▶ _SOURCE MATERIAL_
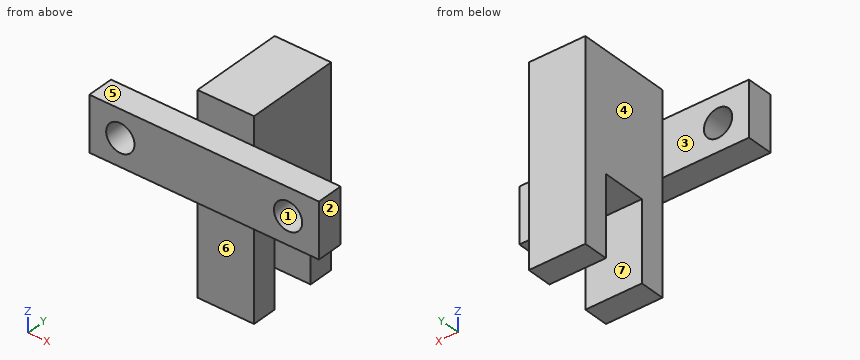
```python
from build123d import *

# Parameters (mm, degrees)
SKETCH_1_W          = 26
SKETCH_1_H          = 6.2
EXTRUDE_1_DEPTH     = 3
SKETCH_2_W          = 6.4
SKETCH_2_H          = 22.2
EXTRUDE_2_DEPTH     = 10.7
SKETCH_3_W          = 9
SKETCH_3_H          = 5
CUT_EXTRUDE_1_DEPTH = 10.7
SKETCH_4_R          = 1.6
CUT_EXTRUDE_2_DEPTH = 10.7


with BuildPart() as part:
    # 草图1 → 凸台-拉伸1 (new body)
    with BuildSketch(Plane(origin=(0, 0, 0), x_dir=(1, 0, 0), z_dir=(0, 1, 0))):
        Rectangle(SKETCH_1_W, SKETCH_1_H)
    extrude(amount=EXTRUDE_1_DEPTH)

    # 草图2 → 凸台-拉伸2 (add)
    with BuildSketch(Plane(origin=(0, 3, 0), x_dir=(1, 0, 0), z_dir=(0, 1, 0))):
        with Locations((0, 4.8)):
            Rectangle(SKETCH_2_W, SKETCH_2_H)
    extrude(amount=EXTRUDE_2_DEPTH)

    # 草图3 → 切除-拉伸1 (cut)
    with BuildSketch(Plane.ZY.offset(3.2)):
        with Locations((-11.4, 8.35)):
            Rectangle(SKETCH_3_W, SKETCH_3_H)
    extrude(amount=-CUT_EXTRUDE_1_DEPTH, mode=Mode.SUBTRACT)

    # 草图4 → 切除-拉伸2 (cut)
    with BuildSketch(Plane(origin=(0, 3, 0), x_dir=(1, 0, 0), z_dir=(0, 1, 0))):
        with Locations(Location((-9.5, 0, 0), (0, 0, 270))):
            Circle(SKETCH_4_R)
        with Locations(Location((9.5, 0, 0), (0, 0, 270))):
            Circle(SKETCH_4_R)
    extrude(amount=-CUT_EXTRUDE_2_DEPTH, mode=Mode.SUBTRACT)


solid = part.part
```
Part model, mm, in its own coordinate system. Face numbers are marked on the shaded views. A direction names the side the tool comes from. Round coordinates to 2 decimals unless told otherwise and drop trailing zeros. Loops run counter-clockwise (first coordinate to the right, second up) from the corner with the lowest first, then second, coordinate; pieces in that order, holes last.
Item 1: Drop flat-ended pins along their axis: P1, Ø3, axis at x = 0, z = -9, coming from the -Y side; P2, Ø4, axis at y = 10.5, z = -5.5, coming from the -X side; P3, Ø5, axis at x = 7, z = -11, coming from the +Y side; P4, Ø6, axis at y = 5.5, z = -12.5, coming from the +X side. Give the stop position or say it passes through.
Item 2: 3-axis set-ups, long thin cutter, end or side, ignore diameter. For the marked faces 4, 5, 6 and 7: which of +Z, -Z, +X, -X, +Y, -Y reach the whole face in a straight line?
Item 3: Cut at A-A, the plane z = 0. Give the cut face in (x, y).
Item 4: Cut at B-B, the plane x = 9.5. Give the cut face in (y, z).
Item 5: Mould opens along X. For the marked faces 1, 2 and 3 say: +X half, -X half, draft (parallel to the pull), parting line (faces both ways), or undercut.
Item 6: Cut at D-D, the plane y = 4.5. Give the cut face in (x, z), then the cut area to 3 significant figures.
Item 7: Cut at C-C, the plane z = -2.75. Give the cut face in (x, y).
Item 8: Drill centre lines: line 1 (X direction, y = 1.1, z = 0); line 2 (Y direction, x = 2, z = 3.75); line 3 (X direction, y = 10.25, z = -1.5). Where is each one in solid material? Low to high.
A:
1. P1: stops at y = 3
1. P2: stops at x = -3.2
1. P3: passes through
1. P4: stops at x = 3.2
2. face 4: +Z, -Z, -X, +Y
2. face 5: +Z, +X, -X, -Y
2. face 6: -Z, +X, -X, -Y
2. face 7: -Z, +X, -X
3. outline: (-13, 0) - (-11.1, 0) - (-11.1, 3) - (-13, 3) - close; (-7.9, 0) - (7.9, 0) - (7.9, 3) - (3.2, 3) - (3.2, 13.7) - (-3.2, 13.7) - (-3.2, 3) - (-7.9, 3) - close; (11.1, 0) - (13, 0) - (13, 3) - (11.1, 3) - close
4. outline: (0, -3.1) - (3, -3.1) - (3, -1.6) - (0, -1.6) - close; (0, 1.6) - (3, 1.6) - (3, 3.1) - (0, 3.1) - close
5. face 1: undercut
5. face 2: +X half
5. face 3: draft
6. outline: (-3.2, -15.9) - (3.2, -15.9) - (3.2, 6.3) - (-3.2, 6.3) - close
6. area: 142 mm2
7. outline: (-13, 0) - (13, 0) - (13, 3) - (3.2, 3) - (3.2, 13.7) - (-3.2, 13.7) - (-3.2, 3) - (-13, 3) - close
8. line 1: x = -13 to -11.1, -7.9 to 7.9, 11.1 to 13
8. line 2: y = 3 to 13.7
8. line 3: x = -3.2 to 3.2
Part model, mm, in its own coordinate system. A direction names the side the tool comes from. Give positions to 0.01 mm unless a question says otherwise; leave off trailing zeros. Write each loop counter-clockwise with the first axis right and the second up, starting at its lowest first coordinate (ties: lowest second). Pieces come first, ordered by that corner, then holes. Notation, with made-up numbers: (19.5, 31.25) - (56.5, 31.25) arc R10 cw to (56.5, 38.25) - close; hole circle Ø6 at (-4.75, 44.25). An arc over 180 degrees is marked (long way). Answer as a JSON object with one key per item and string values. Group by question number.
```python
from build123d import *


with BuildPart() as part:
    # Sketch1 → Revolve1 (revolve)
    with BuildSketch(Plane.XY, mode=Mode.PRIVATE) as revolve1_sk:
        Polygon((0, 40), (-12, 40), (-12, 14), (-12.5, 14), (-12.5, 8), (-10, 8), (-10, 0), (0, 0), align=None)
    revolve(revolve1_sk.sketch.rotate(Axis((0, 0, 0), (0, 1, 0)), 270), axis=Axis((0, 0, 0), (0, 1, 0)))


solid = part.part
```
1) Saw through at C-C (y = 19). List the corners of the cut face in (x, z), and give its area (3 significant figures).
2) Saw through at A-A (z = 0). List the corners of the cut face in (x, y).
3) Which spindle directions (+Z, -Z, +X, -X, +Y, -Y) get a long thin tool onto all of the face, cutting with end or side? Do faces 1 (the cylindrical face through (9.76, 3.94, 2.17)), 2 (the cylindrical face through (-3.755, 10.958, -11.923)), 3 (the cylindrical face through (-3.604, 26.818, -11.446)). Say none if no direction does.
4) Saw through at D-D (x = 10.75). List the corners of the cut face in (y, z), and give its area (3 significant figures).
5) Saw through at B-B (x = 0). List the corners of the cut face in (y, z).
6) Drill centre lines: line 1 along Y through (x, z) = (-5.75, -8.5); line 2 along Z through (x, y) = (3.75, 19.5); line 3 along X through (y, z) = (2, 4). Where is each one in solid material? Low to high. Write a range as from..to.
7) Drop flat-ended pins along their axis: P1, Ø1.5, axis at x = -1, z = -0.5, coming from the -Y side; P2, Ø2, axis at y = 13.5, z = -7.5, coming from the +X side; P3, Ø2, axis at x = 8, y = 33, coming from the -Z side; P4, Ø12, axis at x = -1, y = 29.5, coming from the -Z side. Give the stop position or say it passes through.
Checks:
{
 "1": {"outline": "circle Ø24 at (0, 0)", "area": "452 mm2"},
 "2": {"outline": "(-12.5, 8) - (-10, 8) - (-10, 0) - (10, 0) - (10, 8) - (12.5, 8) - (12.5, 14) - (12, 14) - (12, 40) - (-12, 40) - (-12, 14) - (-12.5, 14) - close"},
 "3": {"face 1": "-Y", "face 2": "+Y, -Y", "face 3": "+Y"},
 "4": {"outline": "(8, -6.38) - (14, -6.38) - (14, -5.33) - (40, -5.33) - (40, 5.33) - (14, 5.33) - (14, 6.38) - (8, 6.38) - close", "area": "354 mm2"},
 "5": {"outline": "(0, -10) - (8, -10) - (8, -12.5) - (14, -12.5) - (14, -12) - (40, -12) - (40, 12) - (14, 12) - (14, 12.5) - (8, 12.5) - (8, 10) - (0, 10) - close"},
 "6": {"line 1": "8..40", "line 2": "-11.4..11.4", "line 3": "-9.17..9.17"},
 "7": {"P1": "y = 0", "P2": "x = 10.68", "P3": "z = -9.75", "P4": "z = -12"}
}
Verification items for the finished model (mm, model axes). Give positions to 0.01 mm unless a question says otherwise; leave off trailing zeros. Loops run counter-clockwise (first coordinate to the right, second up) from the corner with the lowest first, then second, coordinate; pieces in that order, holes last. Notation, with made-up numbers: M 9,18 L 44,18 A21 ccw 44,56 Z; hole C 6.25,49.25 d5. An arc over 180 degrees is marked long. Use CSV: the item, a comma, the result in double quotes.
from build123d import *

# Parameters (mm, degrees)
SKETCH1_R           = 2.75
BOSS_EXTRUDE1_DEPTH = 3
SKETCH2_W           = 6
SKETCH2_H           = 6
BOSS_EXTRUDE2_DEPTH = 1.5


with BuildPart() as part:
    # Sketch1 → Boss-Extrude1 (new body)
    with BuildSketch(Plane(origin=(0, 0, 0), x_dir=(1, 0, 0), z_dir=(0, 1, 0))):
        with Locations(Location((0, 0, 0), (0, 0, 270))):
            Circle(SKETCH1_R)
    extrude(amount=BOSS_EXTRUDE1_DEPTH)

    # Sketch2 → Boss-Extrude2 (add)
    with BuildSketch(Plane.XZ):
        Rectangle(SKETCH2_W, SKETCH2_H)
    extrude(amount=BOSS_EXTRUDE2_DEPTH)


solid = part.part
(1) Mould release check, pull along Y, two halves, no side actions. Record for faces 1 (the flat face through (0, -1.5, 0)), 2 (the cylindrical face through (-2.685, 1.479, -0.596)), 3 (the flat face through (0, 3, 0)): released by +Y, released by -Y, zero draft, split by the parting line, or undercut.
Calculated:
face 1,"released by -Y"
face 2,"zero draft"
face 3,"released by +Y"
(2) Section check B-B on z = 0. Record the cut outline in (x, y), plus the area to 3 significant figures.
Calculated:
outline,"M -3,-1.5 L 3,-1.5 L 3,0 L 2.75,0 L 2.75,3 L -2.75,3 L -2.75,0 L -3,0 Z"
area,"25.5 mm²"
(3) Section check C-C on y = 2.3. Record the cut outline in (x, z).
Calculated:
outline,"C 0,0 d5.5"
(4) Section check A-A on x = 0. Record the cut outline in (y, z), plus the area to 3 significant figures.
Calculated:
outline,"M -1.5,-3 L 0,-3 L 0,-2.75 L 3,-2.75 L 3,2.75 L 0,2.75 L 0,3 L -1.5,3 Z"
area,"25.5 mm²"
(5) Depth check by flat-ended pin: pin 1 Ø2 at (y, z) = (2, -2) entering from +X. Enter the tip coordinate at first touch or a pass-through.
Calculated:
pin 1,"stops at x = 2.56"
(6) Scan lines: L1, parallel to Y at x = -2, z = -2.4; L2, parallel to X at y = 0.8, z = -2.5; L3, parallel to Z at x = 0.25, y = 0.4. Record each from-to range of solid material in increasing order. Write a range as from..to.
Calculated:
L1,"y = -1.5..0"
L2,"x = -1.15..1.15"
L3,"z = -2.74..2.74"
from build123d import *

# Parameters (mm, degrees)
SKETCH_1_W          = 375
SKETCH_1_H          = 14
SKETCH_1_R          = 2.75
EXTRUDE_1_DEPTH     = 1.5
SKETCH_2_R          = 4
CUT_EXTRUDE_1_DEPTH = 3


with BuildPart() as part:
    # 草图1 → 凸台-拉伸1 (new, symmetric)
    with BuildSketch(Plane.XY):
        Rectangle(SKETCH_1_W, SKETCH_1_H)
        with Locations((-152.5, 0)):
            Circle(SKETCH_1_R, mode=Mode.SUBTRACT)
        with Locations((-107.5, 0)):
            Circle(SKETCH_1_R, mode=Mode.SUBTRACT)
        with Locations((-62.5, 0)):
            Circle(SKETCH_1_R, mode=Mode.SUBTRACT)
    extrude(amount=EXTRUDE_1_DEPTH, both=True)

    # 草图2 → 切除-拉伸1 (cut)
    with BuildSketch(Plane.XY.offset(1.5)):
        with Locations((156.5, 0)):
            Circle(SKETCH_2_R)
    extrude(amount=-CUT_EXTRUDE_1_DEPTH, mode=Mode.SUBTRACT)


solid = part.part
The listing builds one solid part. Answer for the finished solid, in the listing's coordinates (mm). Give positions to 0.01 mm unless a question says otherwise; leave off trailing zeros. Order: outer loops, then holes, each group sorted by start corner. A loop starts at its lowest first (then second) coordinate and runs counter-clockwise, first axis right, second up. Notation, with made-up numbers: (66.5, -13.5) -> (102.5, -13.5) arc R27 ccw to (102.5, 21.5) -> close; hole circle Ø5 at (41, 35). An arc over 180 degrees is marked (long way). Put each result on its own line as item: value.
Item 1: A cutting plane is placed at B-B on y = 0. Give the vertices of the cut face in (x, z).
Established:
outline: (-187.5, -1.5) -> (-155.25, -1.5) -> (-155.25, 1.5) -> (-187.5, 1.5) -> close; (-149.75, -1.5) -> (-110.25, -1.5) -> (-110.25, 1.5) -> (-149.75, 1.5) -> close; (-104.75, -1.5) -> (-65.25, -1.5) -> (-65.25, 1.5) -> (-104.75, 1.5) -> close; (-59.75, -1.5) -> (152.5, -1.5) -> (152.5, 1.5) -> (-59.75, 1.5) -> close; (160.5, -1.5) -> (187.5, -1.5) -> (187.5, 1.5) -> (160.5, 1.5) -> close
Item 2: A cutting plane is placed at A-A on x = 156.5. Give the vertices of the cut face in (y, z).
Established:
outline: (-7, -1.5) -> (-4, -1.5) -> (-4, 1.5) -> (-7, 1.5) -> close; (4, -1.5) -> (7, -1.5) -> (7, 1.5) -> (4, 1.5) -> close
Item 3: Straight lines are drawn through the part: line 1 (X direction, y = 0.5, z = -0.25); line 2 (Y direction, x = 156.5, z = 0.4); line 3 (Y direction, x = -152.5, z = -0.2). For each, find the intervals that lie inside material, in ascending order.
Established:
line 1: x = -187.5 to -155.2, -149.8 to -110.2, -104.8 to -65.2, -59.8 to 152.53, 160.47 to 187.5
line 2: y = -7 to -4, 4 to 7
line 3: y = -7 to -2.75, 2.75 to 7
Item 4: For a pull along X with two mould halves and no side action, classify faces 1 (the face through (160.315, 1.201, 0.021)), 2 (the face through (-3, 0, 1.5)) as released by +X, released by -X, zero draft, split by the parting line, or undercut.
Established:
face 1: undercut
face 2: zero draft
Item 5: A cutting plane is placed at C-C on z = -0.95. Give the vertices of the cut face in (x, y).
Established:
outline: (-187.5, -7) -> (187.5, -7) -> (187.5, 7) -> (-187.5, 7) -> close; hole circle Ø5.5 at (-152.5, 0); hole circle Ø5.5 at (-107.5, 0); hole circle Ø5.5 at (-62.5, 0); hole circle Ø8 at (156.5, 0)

▶ _DIRECTIONS_
Return every line in the records that includes the string "stops".

▶ _SOLUTION_
1. P1: stops at y = 3
1. P2: stops at x = -3.2
1. P4: stops at x = 3.2
pin 1,"stops at x = 2.56"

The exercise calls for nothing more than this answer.